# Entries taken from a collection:
● ● ● ● ● ● ●
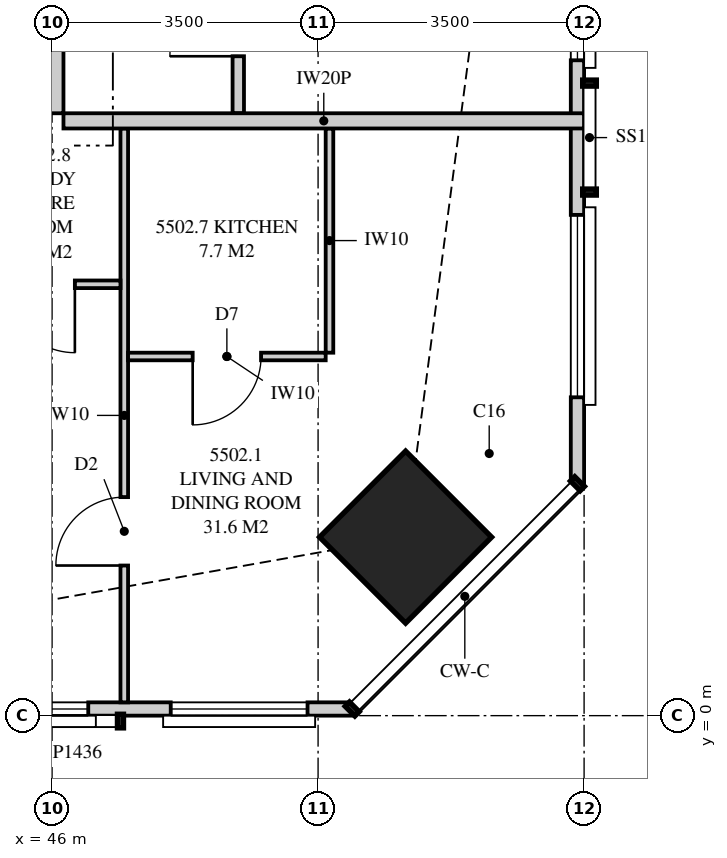
"""IFC4 building model, lengths in metres.
Left out: names, types, materials, properties, quantities, classifications, styles, units other than length and angle.
Written with IfcOpenShell. Run it as: python <this file> out.ifc"""

import sys

from ifc_helpers import new_model, si_unit, direction, frame, frame_2d, origin, origin_2d, place, context, subcontext, project, spatial, polyline, rectangle, outline, extrude, element, fill, save


model = new_model("IFC4")
c1 = context("Model", 3, precision=1e-05, world=origin(), true_north=direction((0.0, 1.0)))
c2 = subcontext(c1, "Body", "Model", "MODEL_VIEW")
j1 = project(units=[si_unit("LENGTHUNIT", "METRE"), si_unit("PLANEANGLEUNIT", "RADIAN")], contexts=[c1])
p1 = place(None, origin())
s1 = spatial("IfcSite", under=j1, at=p1, CompositionType="ELEMENT")
p2 = place(p1, origin())
s2 = spatial("IfcBuilding", under=s1, at=p2, CompositionType="ELEMENT")
p3 = place(p2, frame((0.0, 0.0, 201.25)))
s3 = spatial("IfcBuildingStorey", under=s2, at=p3, CompositionType="ELEMENT", Elevation=201.25)
p4 = place(p3, frame((50.652, 2.348, 0.0), z_axis=(0.0, 0.0, 1.0), x_axis=(0.707106781187, 0.707106781187, 0.0)))
e1 = element("IfcColumn", 1, at=p4, inside=s3, PredefinedType="COLUMN", context=c2, shape_type="SweptSolid", body=[
    extrude(rectangle(XDim=1.6, YDim=1.6, at=origin_2d()), origin(), (0.0, 0.0, 1.0), 3.35),
])
p5 = place(p3, frame((15.051, 0.087, 0.0), z_axis=(0.0, 0.0, 1.0), x_axis=(1.0, 0.0, 0.0)))
e2 = element("IfcWall", 2, at=p5, inside=s3, PredefinedType="SOLIDWALL", context=c2, shape_type="SweptSolid", body=[
    extrude(outline(polyline([(0.0, 0.0), (34.897, 0.0), (34.897, 3.11), (27.91, 3.11), (27.91, 2.15), (27.836, 2.15), (27.836, 3.11), (27.699, 3.11), (27.699, 2.15), (7.199, 2.15), (7.199, 3.11), (7.062, 3.11), (7.062, 2.15), (6.987, 2.15), (6.987, 3.11), (0.0, 3.11), (0.0, 0.0)])), frame((0.0, 0.087, 0.0), z_axis=(0.0, -1.0, 0.0), x_axis=(1.0, 0.0, 0.0)), (0.0, 0.0, 1.0), 0.175),
])
p6 = place(p5, frame((0.699, 0.0, 0.4)))
e3 = element("IfcOpeningElement", 3, at=p6, cuts=e2, PredefinedType="OPENING", context=c2, shape_type="SweptSolid", body=[
    extrude(rectangle(XDim=1.8, YDim=1.7, at=frame_2d((0.9, 0.85))), frame((0.0, 0.097, 0.0), z_axis=(0.0, -1.0, 0.0), x_axis=(1.0, 0.0, 0.0)), (0.0, 0.0, 1.0), 0.195),
])
p7 = place(p5, frame((9.274, 0.0, 0.4)))
e4 = element("IfcOpeningElement", 4, at=p7, cuts=e2, PredefinedType="OPENING", context=c2, shape_type="SweptSolid", body=[
    extrude(rectangle(XDim=2.4, YDim=1.7, at=frame_2d((1.2, 0.85))), frame((0.0, 0.097, 0.0), z_axis=(0.0, -1.0, 0.0), x_axis=(1.0, 0.0, 0.0)), (0.0, 0.0, 1.0), 0.195),
])
p8 = place(p5, frame((13.561, 0.0, 0.0)))
e5 = element("IfcOpeningElement", 5, at=p8, cuts=e2, PredefinedType="OPENING", context=c2, shape_type="SweptSolid", body=[
    extrude(rectangle(XDim=1.8, YDim=2.1, at=frame_2d((0.9, 1.05))), frame((0.0, 0.097, 0.0), z_axis=(0.0, -1.0, 0.0), x_axis=(1.0, 0.0, 0.0)), (0.0, 0.0, 1.0), 0.195),
])
p9 = place(p5, frame((20.049, 0.0, 0.4)))
e6 = element("IfcOpeningElement", 6, at=p9, cuts=e2, PredefinedType="OPENING", context=c2, shape_type="SweptSolid", body=[
    extrude(rectangle(XDim=1.8, YDim=1.7, at=frame_2d((0.9, 0.85))), frame((0.0, 0.097, 0.0), z_axis=(0.0, -1.0, 0.0), x_axis=(1.0, 0.0, 0.0)), (0.0, 0.0, 1.0), 0.195),
])
p10 = place(p5, frame((23.649, 0.0, 0.4)))
e7 = element("IfcOpeningElement", 7, at=p10, cuts=e2, PredefinedType="OPENING", context=c2, shape_type="SweptSolid", body=[
    extrude(rectangle(XDim=1.8, YDim=1.7, at=frame_2d((0.9, 0.85))), frame((0.0, 0.097, 0.0), z_axis=(0.0, -1.0, 0.0), x_axis=(1.0, 0.0, 0.0)), (0.0, 0.0, 1.0), 0.195),
])
p11 = place(p5, frame((29.625, 0.0, 0.4)))
e8 = element("IfcOpeningElement", 8, at=p11, cuts=e2, PredefinedType="OPENING", context=c2, shape_type="SweptSolid", body=[
    extrude(rectangle(XDim=1.8, YDim=1.7, at=frame_2d((0.9, 0.85))), frame((0.0, 0.097, 0.0), z_axis=(0.0, -1.0, 0.0), x_axis=(1.0, 0.0, 0.0)), (0.0, 0.0, 1.0), 0.195),
])
p12 = place(p5, frame((32.51, 0.0, 0.4)))
e9 = element("IfcOpeningElement", 9, at=p12, cuts=e2, PredefinedType="OPENING", context=c2, shape_type="SweptSolid", body=[
    extrude(rectangle(XDim=1.8, YDim=1.7, at=frame_2d((0.9, 0.85))), frame((0.0, 0.097, 0.0), z_axis=(0.0, -1.0, 0.0), x_axis=(1.0, 0.0, 0.0)), (0.0, 0.0, 1.0), 0.195),
])
p13 = place(p3, frame((52.913, 3.051, 0.0), z_axis=(0.0, 0.0, 1.0), x_axis=(0.0, 1.0, 0.0)))
e10 = element("IfcWall", 10, at=p13, inside=s3, PredefinedType="SOLIDWALL", context=c2, shape_type="SweptSolid", body=[
    extrude(outline(polyline([(0.0, 0.0), (29.897, 0.0), (29.897, 3.11), (22.167, 3.11), (22.167, 2.15), (22.074, 2.15), (22.074, 3.11), (21.949, 3.11), (21.949, 2.15), (9.949, 2.15), (9.949, 3.11), (9.847, 3.11), (9.847, 2.15), (9.706, 2.15), (9.706, 3.11), (0.0, 3.11), (0.0, 0.0)])), frame((0.0, 0.087, 0.0), z_axis=(0.0, -1.0, 0.0), x_axis=(1.0, 0.0, 0.0)), (0.0, 0.0, 1.0), 0.175),
])
p14 = place(p13, frame((1.137, 0.0, 0.4)))
e11 = element("IfcOpeningElement", 11, at=p14, cuts=e10, PredefinedType="OPENING", context=c2, shape_type="SweptSolid", body=[
    extrude(rectangle(XDim=2.4, YDim=1.7, at=frame_2d((1.2, 0.85))), frame((0.0, 0.097, 0.0), z_axis=(0.0, -1.0, 0.0), x_axis=(1.0, 0.0, 0.0)), (0.0, 0.0, 1.0), 0.195),
])
p15 = place(p13, frame((5.571, 0.0, 0.4)))
e12 = element("IfcOpeningElement", 12, at=p15, cuts=e10, PredefinedType="OPENING", context=c2, shape_type="SweptSolid", body=[
    extrude(rectangle(XDim=2.4, YDim=1.7, at=frame_2d((1.2, 0.85))), frame((0.0, 0.097, 0.0), z_axis=(0.0, -1.0, 0.0), x_axis=(1.0, 0.0, 0.0)), (0.0, 0.0, 1.0), 0.195),
])
p16 = place(p13, frame((11.879, 0.0, 0.4)))
e13 = element("IfcOpeningElement", 13, at=p16, cuts=e10, PredefinedType="OPENING", context=c2, shape_type="SweptSolid", body=[
    extrude(rectangle(XDim=1.8, YDim=1.7, at=frame_2d((0.9, 0.85))), frame((0.0, 0.097, 0.0), z_axis=(0.0, -1.0, 0.0), x_axis=(1.0, 0.0, 0.0)), (0.0, 0.0, 1.0), 0.195),
])
p17 = place(p13, frame((15.324, 0.0, 0.0)))
e14 = element("IfcOpeningElement", 14, at=p17, cuts=e10, PredefinedType="OPENING", context=c2, shape_type="SweptSolid", body=[
    extrude(rectangle(XDim=1.8, YDim=2.1, at=frame_2d((0.9, 1.05))), frame((0.0, 0.097, 0.0), z_axis=(0.0, -1.0, 0.0), x_axis=(1.0, 0.0, 0.0)), (0.0, 0.0, 1.0), 0.195),
])
p18 = place(p13, frame((18.224, 0.0, 0.4)))
e15 = element("IfcOpeningElement", 15, at=p18, cuts=e10, PredefinedType="OPENING", context=c2, shape_type="SweptSolid", body=[
    extrude(rectangle(XDim=1.8, YDim=1.7, at=frame_2d((0.9, 0.85))), frame((0.0, 0.097, 0.0), z_axis=(0.0, -1.0, 0.0), x_axis=(1.0, 0.0, 0.0)), (0.0, 0.0, 1.0), 0.195),
])
p19 = place(p13, frame((27.461, 0.0, 0.4)))
e16 = element("IfcOpeningElement", 16, at=p19, cuts=e10, PredefinedType="OPENING", context=c2, shape_type="SweptSolid", body=[
    extrude(rectangle(XDim=1.2, YDim=1.7, at=frame_2d((0.6, 0.85))), frame((0.0, 0.097, 0.0), z_axis=(0.0, -1.0, 0.0), x_axis=(1.0, 0.0, 0.0)), (0.0, 0.0, 1.0), 0.195),
])
p20 = place(p3, frame((46.95, 0.175, 0.0), z_axis=(0.0, 0.0, 1.0), x_axis=(0.0, 1.0, 0.0)))
e17 = element("IfcWall", 17, at=p20, inside=s3, PredefinedType="PARTITIONING", context=c2, shape_type="SweptSolid", body=[
    extrude(outline(polyline([(0.0, 0.0), (7.55, 0.0), (7.55, 3.11), (2.392, 3.11), (2.392, 2.15), (0.645, 2.15), (0.645, 3.11), (0.0, 3.11), (0.0, 0.0)])), frame((0.0, 0.05, 0.0), z_axis=(0.0, -1.0, 0.0), x_axis=(1.0, 0.0, 0.0)), (0.0, 0.0, 1.0), 0.1),
])
p21 = place(p20, frame((1.8, 0.0, 0.0)))
e18 = element("IfcOpeningElement", 18, at=p21, cuts=e17, PredefinedType="OPENING", context=c2, shape_type="SweptSolid", body=[
    extrude(rectangle(XDim=0.9, YDim=2.1, at=frame_2d((0.45, 1.05))), frame((0.0, 0.06, 0.0), z_axis=(0.0, -1.0, 0.0), x_axis=(1.0, 0.0, 0.0)), (0.0, 0.0, 1.0), 0.12),
])
p22 = place(p3, frame((47.0, 4.725, 0.0), z_axis=(0.0, 0.0, 1.0), x_axis=(1.0, 0.0, 0.0)))
e19 = element("IfcWall", 19, at=p22, inside=s3, PredefinedType="PARTITIONING", context=c2, shape_type="SweptSolid", body=[
    extrude(rectangle(XDim=2.6, YDim=0.1, at=frame_2d((1.3, 0.0))), origin(), (0.0, 0.0, 1.0), 3.11),
])
p23 = place(p22, frame((0.85, 0.0, 0.0)))
e20 = element("IfcOpeningElement", 20, at=p23, cuts=e19, PredefinedType="OPENING", context=c2, shape_type="SweptSolid", body=[
    extrude(rectangle(XDim=0.9, YDim=2.1, at=frame_2d((0.45, 1.05))), frame((0.0, 0.06, 0.0), z_axis=(0.0, -1.0, 0.0), x_axis=(1.0, 0.0, 0.0)), (0.0, 0.0, 1.0), 0.12),
])
p24 = place(p3, frame((49.65, 4.775, 0.0), z_axis=(0.0, 0.0, 1.0), x_axis=(0.0, 1.0, 0.0)))
e21 = element("IfcWall", 21, at=p24, inside=s3, PredefinedType="PARTITIONING", context=c2, shape_type="SweptSolid", body=[
    extrude(rectangle(XDim=2.95, YDim=0.1, at=frame_2d((1.475, 0.0))), origin(), (0.0, 0.0, 1.0), 3.11),
])
p25 = place(p3, frame((46.15, 7.825, 0.0), z_axis=(0.0, 0.0, 1.0), x_axis=(1.0, 0.0, 0.0)))
e22 = element("IfcWall", 22, at=p25, inside=s3, PredefinedType="PARTITIONING", context=c2, shape_type="SweptSolid", body=[
    extrude(outline(polyline([(0.0, 0.0), (6.85, 0.0), (6.85, 3.11), (6.138, 3.11), (6.138, 2.15), (4.303, 2.15), (4.303, 3.11), (0.0, 3.11), (0.0, 0.0)])), frame((0.0, 0.1, 0.0), z_axis=(0.0, -1.0, 0.0), x_axis=(1.0, 0.0, 0.0)), (0.0, 0.0, 1.0), 0.2),
])
p26 = place(p3, frame((46.05, 7.925, 0.0), z_axis=(0.0, 0.0, 1.0), x_axis=(0.0, 1.0, 0.0)))
e23 = element("IfcWall", 23, at=p26, inside=s3, PredefinedType="PARTITIONING", context=c2, shape_type="SweptSolid", body=[
    extrude(outline(polyline([(0.0, 0.0), (5.875, 0.0), (5.875, 3.11), (5.412, 3.11), (5.412, 2.541), (4.738, 2.541), (4.738, 3.11), (0.0, 3.11), (0.0, 0.0)])), frame((0.0, 0.1, 0.0), z_axis=(0.0, -1.0, 0.0), x_axis=(1.0, 0.0, 0.0)), (0.0, 0.0, 1.0), 0.2),
])
p27 = place(p26, frame((2.438, 0.0, 0.0)))
e24 = element("IfcOpeningElement", 24, at=p27, cuts=e23, PredefinedType="OPENING", context=c2, shape_type="SweptSolid", body=[
    extrude(rectangle(XDim=1.05, YDim=2.2, at=frame_2d((0.525, 1.1))), frame((0.0, 0.11, 0.0), z_axis=(0.0, -1.0, 0.0), x_axis=(1.0, 0.0, 0.0)), (0.0, 0.0, 1.0), 0.22),
])
p28 = place(p3, frame((48.45, 7.925, 0.0), z_axis=(0.0, 0.0, 1.0), x_axis=(0.0, 1.0, 0.0)))
e25 = element("IfcWall", 25, at=p28, inside=s3, PredefinedType="PLUMBINGWALL", context=c2, shape_type="SweptSolid", body=[
    extrude(rectangle(XDim=2.425, YDim=0.15, at=frame_2d((1.212, 0.0))), origin(), (0.0, 0.0, 1.0), 3.11),
])
p29 = place(p28, frame((0.75, 0.0, 0.0)))
e26 = element("IfcOpeningElement", 26, at=p29, cuts=e25, PredefinedType="OPENING", context=c2, shape_type="SweptSolid", body=[
    extrude(rectangle(XDim=0.9, YDim=2.1, at=frame_2d((0.45, 1.05))), frame((0.0, 0.085, 0.0), z_axis=(0.0, -1.0, 0.0), x_axis=(1.0, 0.0, 0.0)), (0.0, 0.0, 1.0), 0.17),
])
p30 = place(p3, frame((46.9, 5.675, 0.0), z_axis=(0.0, 0.0, 1.0), x_axis=(-1.0, 0.0, 0.0)))
e27 = element("IfcWall", 27, at=p30, inside=s3, PredefinedType="PARTITIONING", context=c2, shape_type="SweptSolid", body=[
    extrude(rectangle(XDim=2.1, YDim=0.1, at=frame_2d((1.05, 0.0))), origin(), (0.0, 0.0, 1.0), 3.11),
])
p31 = place(p30, frame((0.6, 0.0, 0.0)))
e28 = element("IfcOpeningElement", 28, at=p31, cuts=e27, PredefinedType="OPENING", context=c2, shape_type="SweptSolid", body=[
    extrude(rectangle(XDim=0.9, YDim=2.1, at=frame_2d((0.45, 1.05))), frame((0.0, 0.06, 0.0), z_axis=(0.0, -1.0, 0.0), x_axis=(1.0, 0.0, 0.0)), (0.0, 0.0, 1.0), 0.12),
])
p32 = place(p11, origin())
e29 = element("IfcWindow", 29, at=p32, inside=s3, PartitioningType="SINGLE_PANEL", PredefinedType="WINDOW", context=c2, shape_type="SweptSolid", body=[
    extrude(rectangle(XDim=1.8, YDim=1.7, at=frame_2d((0.9, 0.85))), frame((0.0, 0.03, 0.0), z_axis=(0.0, -1.0, 0.0), x_axis=(1.0, 0.0, 0.0)), (0.0, 0.0, 1.0), 0.06),
])
fill(e8, e29)
p33 = place(p12, origin())
e30 = element("IfcWindow", 30, at=p33, inside=s3, PartitioningType="SINGLE_PANEL", PredefinedType="WINDOW", context=c2, shape_type="SweptSolid", body=[
    extrude(rectangle(XDim=1.8, YDim=1.7, at=frame_2d((0.9, 0.85))), frame((0.0, 0.03, 0.0), z_axis=(0.0, -1.0, 0.0), x_axis=(1.0, 0.0, 0.0)), (0.0, 0.0, 1.0), 0.06),
])
fill(e9, e30)
p34 = place(p14, origin())
e31 = element("IfcWindow", 31, at=p34, inside=s3, PartitioningType="SINGLE_PANEL", PredefinedType="WINDOW", context=c2, shape_type="SweptSolid", body=[
    extrude(rectangle(XDim=2.4, YDim=1.7, at=frame_2d((1.2, 0.85))), frame((0.0, 0.03, 0.0), z_axis=(0.0, -1.0, 0.0), x_axis=(1.0, 0.0, 0.0)), (0.0, 0.0, 1.0), 0.06),
])
fill(e11, e31)
p35 = place(p15, origin())
e32 = element("IfcWindow", 32, at=p35, inside=s3, PartitioningType="SINGLE_PANEL", PredefinedType="WINDOW", context=c2, shape_type="SweptSolid", body=[
    extrude(rectangle(XDim=2.4, YDim=1.7, at=frame_2d((1.2, 0.85))), frame((0.0, 0.03, 0.0), z_axis=(0.0, -1.0, 0.0), x_axis=(1.0, 0.0, 0.0)), (0.0, 0.0, 1.0), 0.06),
])
fill(e12, e32)
p36 = place(p21, origin())
e33 = element("IfcDoor", 33, at=p36, inside=s3, OperationType="SINGLE_SWING_LEFT", PredefinedType="DOOR", context=c2, shape_type="SweptSolid", body=[
    extrude(rectangle(XDim=0.9, YDim=2.1, at=frame_2d((0.45, 1.05))), frame((0.0, 0.025, 0.0), z_axis=(0.0, -1.0, 0.0), x_axis=(1.0, 0.0, 0.0)), (0.0, 0.0, 1.0), 0.05),
])
fill(e18, e33)
p37 = place(p23, frame((0.9, 0.0, 0.0), z_axis=(0.0, 0.0, 1.0), x_axis=(-1.0, 0.0, 0.0)))
e34 = element("IfcDoor", 34, at=p37, inside=s3, OperationType="SINGLE_SWING_RIGHT", PredefinedType="DOOR", context=c2, shape_type="SweptSolid", body=[
    extrude(rectangle(XDim=0.9, YDim=2.1, at=frame_2d((0.45, 1.05))), frame((0.0, 0.025, 0.0), z_axis=(0.0, -1.0, 0.0), x_axis=(1.0, 0.0, 0.0)), (0.0, 0.0, 1.0), 0.05),
])
fill(e20, e34)
p38 = place(p29, origin())
e35 = element("IfcDoor", 35, at=p38, inside=s3, OperationType="SINGLE_SWING_LEFT", PredefinedType="DOOR", context=c2, shape_type="SweptSolid", body=[
    extrude(rectangle(XDim=0.9, YDim=2.1, at=frame_2d((0.45, 1.05))), frame((0.0, 0.025, 0.0), z_axis=(0.0, -1.0, 0.0), x_axis=(1.0, 0.0, 0.0)), (0.0, 0.0, 1.0), 0.05),
])
fill(e26, e35)
p39 = place(p31, origin())
e36 = element("IfcDoor", 36, at=p39, inside=s3, OperationType="SINGLE_SWING_LEFT", PredefinedType="DOOR", context=c2, shape_type="SweptSolid", body=[
    extrude(rectangle(XDim=0.9, YDim=2.1, at=frame_2d((0.45, 1.05))), frame((0.0, 0.025, 0.0), z_axis=(0.0, -1.0, 0.0), x_axis=(1.0, 0.0, 0.0)), (0.0, 0.0, 1.0), 0.05),
])
fill(e28, e36)
save(model, sys.argv[1])
● ● ● ● ● ● ●
# Exercise requirements:
In the entries above, find every line with the word "project" and list it.

# Output below:
from ifc_helpers import new_model, si_unit, direction, frame, frame_2d, origin, origin_2d, place, context, subcontext, project, spatial, polyline, rectangle, outline, extrude, element, fill, save
j1 = project(units=[si_unit("LENGTHUNIT", "METRE"), si_unit("PLANEANGLEUNIT", "RADIAN")], contexts=[c1])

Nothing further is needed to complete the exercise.